§ **EXERCISE INSTRUCTIONS**: Go over the data and copy out each line with "OPENING" in it.

____ STORED DATA

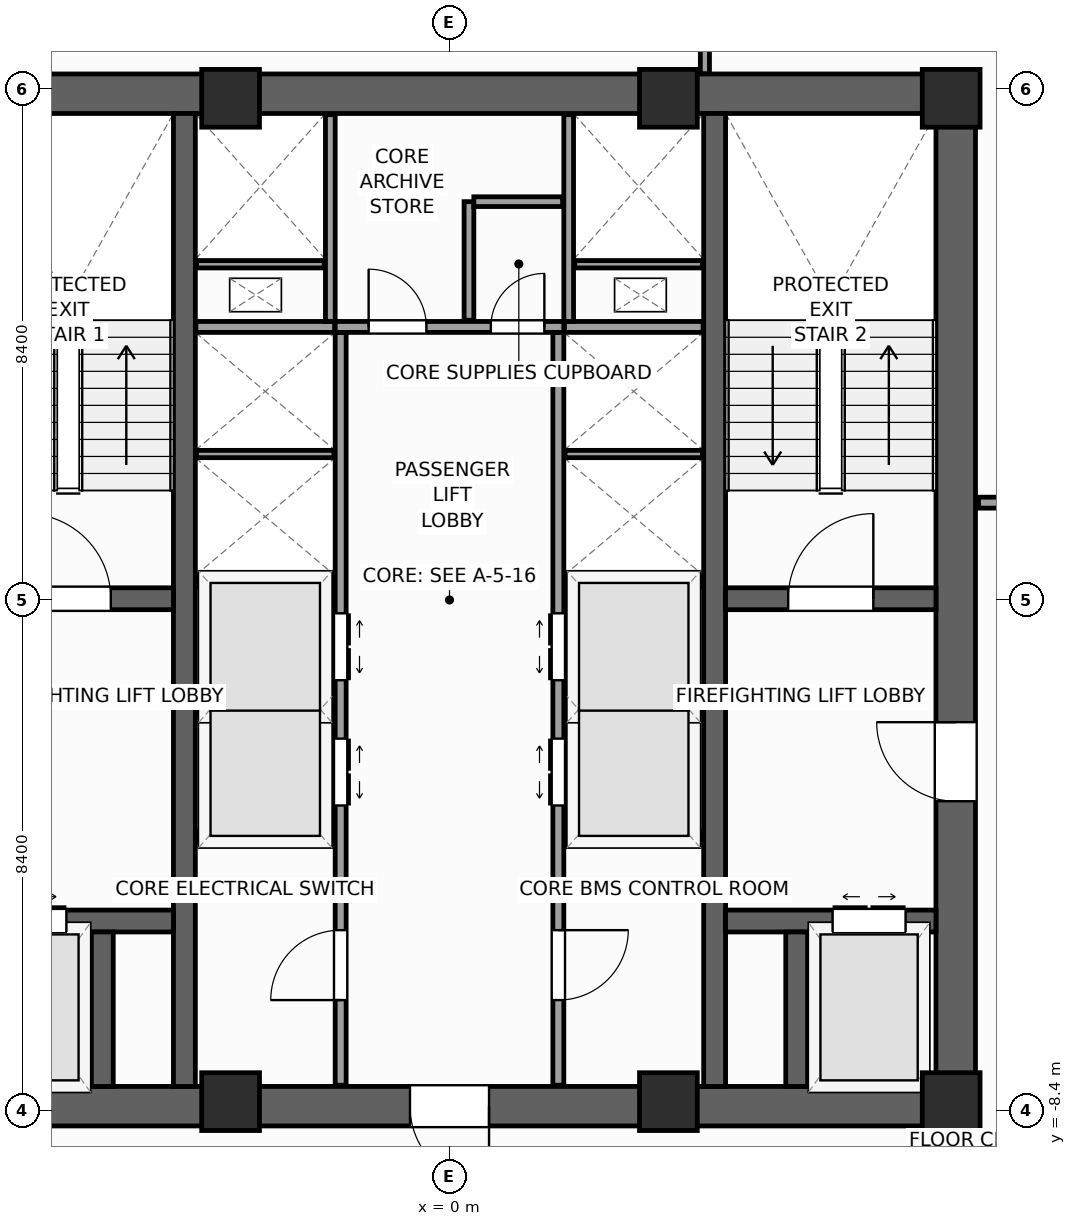
"""IFC4 building model, lengths in metres.
Left out: names, types, materials, properties, quantities, classifications, styles, units other than length and angle.
Written with IfcOpenShell. Run it as: python <this file> out.ifc"""

import sys

from ifc_helpers import new_model, si_unit, direction, frame, frame_2d, origin, origin_2d, place, context, subcontext, project, spatial, rectangle, extrude, source, transform, mapped, element, fill, save


model = new_model("IFC4")
c1 = context("Model", 3, precision=1e-05, world=origin(), true_north=direction((0.0, 1.0)))
c2 = subcontext(c1, "Body", "Model", "MODEL_VIEW")
j1 = project(units=[si_unit("LENGTHUNIT", "METRE"), si_unit("PLANEANGLEUNIT", "RADIAN")], contexts=[c1])
p1 = place(None, origin())
s1 = spatial("IfcSite", under=j1, at=p1, CompositionType="ELEMENT")
p2 = place(p1, origin())
s2 = spatial("IfcBuilding", under=s1, at=p2, CompositionType="ELEMENT")
p3 = place(p2, frame((0.0, 0.0, 172.4)))
s3 = spatial("IfcBuildingStorey", under=s2, at=p3, CompositionType="ELEMENT", Elevation=172.4)
p4 = place(p3, frame((-8.65, -8.325, 0.0), z_axis=(0.0, 0.0, 1.0), x_axis=(1.0, 0.0, 0.0)))
e1 = element("IfcWall", 1, at=p4, inside=s3, PredefinedType="SHEAR", context=c2, shape_type="SweptSolid", body=[
    extrude(rectangle(XDim=17.3, YDim=0.65, at=frame_2d((8.65, 0.0))), origin(), (0.0, 0.0, 1.0), 4.0),
])
p5 = place(p4, frame((8.0, 0.0, 0.0)))
e2 = element("IfcOpeningElement", 2, at=p5, cuts=e1, PredefinedType="OPENING", context=c2, shape_type="SweptSolid", body=[
    extrude(rectangle(XDim=1.3, YDim=2.2, at=frame_2d((0.65, 1.1))), frame((0.0, 0.335, 0.0), z_axis=(0.0, -1.0, 0.0), x_axis=(1.0, 0.0, 0.0)), (0.0, 0.0, 1.0), 0.67),
])
p6 = place(p3, frame((-8.65, 8.325, 0.0), z_axis=(0.0, 0.0, 1.0), x_axis=(1.0, 0.0, 0.0)))
e3 = element("IfcWall", 3, at=p6, inside=s3, PredefinedType="SHEAR", context=c2, shape_type="SweptSolid", body=[
    extrude(rectangle(XDim=17.3, YDim=0.65, at=frame_2d((8.65, 0.0))), origin(), (0.0, 0.0, 1.0), 4.0),
])
p7 = place(p3, frame((8.325, -8.0, 0.0), z_axis=(0.0, 0.0, 1.0), x_axis=(0.0, 1.0, 0.0)))
e4 = element("IfcWall", 4, at=p7, inside=s3, PredefinedType="SHEAR", context=c2, shape_type="SweptSolid", body=[
    extrude(rectangle(XDim=16.0, YDim=0.65, at=frame_2d((8.0, 0.0))), origin(), (0.0, 0.0, 1.0), 4.0),
])
p8 = place(p7, frame((4.69, 0.0, 0.0)))
e5 = element("IfcOpeningElement", 5, at=p8, cuts=e4, PredefinedType="OPENING", context=c2, shape_type="SweptSolid", body=[
    extrude(rectangle(XDim=1.3, YDim=2.2, at=frame_2d((0.65, 1.1))), frame((0.0, 0.335, 0.0), z_axis=(0.0, -1.0, 0.0), x_axis=(1.0, 0.0, 0.0)), (0.0, 0.0, 1.0), 0.67),
])
for number, where, z_axis, x_axis in (
    (6, (-4.36, -8.0, 0.0), (0.0, 0.0, 1.0), (0.0, 1.0, 0.0)),
    (7, (4.36, -8.0, 0.0), (0.0, 0.0, 1.0), (0.0, 1.0, 0.0)),
):
    element("IfcWall", number, at=place(p3, frame(where, z_axis=z_axis, x_axis=x_axis)), inside=s3, PredefinedType="SHEAR", context=c2, shape_type="SweptSolid", body=[
        extrude(rectangle(XDim=16.0, YDim=0.36, at=frame_2d((8.0, 0.0))), origin(), (0.0, 0.0, 1.0), 4.0),
    ])
p9 = place(p3, frame((-8.0, 0.02, 0.0), z_axis=(0.0, 0.0, 1.0), x_axis=(1.0, 0.0, 0.0)))
e8 = element("IfcWall", 8, at=p9, inside=s3, PredefinedType="SHEAR", context=c2, shape_type="SweptSolid", body=[
    extrude(rectangle(XDim=3.46, YDim=0.36, at=frame_2d((1.73, 0.0))), origin(), (0.0, 0.0, 1.0), 4.0),
])
p10 = place(p9, frame((1.03, 0.0, 0.0)))
e9 = element("IfcOpeningElement", 9, at=p10, cuts=e8, PredefinedType="OPENING", context=c2, shape_type="SweptSolid", body=[
    extrude(rectangle(XDim=1.4, YDim=2.2, at=frame_2d((0.7, 1.1))), frame((0.0, 0.19, 0.0), z_axis=(0.0, -1.0, 0.0), x_axis=(1.0, 0.0, 0.0)), (0.0, 0.0, 1.0), 0.38),
])
p11 = place(p3, frame((4.54, 0.02, 0.0), z_axis=(0.0, 0.0, 1.0), x_axis=(1.0, 0.0, 0.0)))
e10 = element("IfcWall", 10, at=p11, inside=s3, PredefinedType="SHEAR", context=c2, shape_type="SweptSolid", body=[
    extrude(rectangle(XDim=3.46, YDim=0.36, at=frame_2d((1.73, 0.0))), origin(), (0.0, 0.0, 1.0), 4.0),
])
p12 = place(p11, frame((1.03, 0.0, 0.0)))
e11 = element("IfcOpeningElement", 11, at=p12, cuts=e10, PredefinedType="OPENING", context=c2, shape_type="SweptSolid", body=[
    extrude(rectangle(XDim=1.4, YDim=2.2, at=frame_2d((0.7, 1.1))), frame((0.0, 0.19, 0.0), z_axis=(0.0, -1.0, 0.0), x_axis=(1.0, 0.0, 0.0)), (0.0, 0.0, 1.0), 0.38),
])
p13 = place(p3, frame((-8.0, -5.28, 0.0), z_axis=(0.0, 0.0, 1.0), x_axis=(1.0, 0.0, 0.0)))
e12 = element("IfcWall", 12, at=p13, inside=s3, PredefinedType="SHEAR", context=c2, shape_type="SweptSolid", body=[
    extrude(rectangle(XDim=3.46, YDim=0.36, at=frame_2d((1.73, 0.0))), origin(), (0.0, 0.0, 1.0), 4.0),
])
p14 = place(p13, frame((0.5, 0.0, 0.0)))
e13 = element("IfcOpeningElement", 13, at=p14, cuts=e12, PredefinedType="OPENING", context=c2, shape_type="SweptSolid", body=[
    extrude(rectangle(XDim=1.2, YDim=2.25, at=frame_2d((0.6, 1.125))), frame((0.0, 0.19, 0.0), z_axis=(0.0, -1.0, 0.0), x_axis=(1.0, 0.0, 0.0)), (0.0, 0.0, 1.0), 0.38),
])
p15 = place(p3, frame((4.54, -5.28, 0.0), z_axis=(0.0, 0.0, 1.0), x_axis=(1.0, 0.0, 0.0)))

________

§ **SOLVED PROBLEM**:
e2 = element("IfcOpeningElement", 2, at=p5, cuts=e1, PredefinedType="OPENING", context=c2, shape_type="SweptSolid", body=[
e5 = element("IfcOpeningElement", 5, at=p8, cuts=e4, PredefinedType="OPENING", context=c2, shape_type="SweptSolid", body=[
e9 = element("IfcOpeningElement", 9, at=p10, cuts=e8, PredefinedType="OPENING", context=c2, shape_type="SweptSolid", body=[
e11 = element("IfcOpeningElement", 11, at=p12, cuts=e10, PredefinedType="OPENING", context=c2, shape_type="SweptSolid", body=[
e13 = element("IfcOpeningElement", 13, at=p14, cuts=e12, PredefinedType="OPENING", context=c2, shape_type="SweptSolid", body=[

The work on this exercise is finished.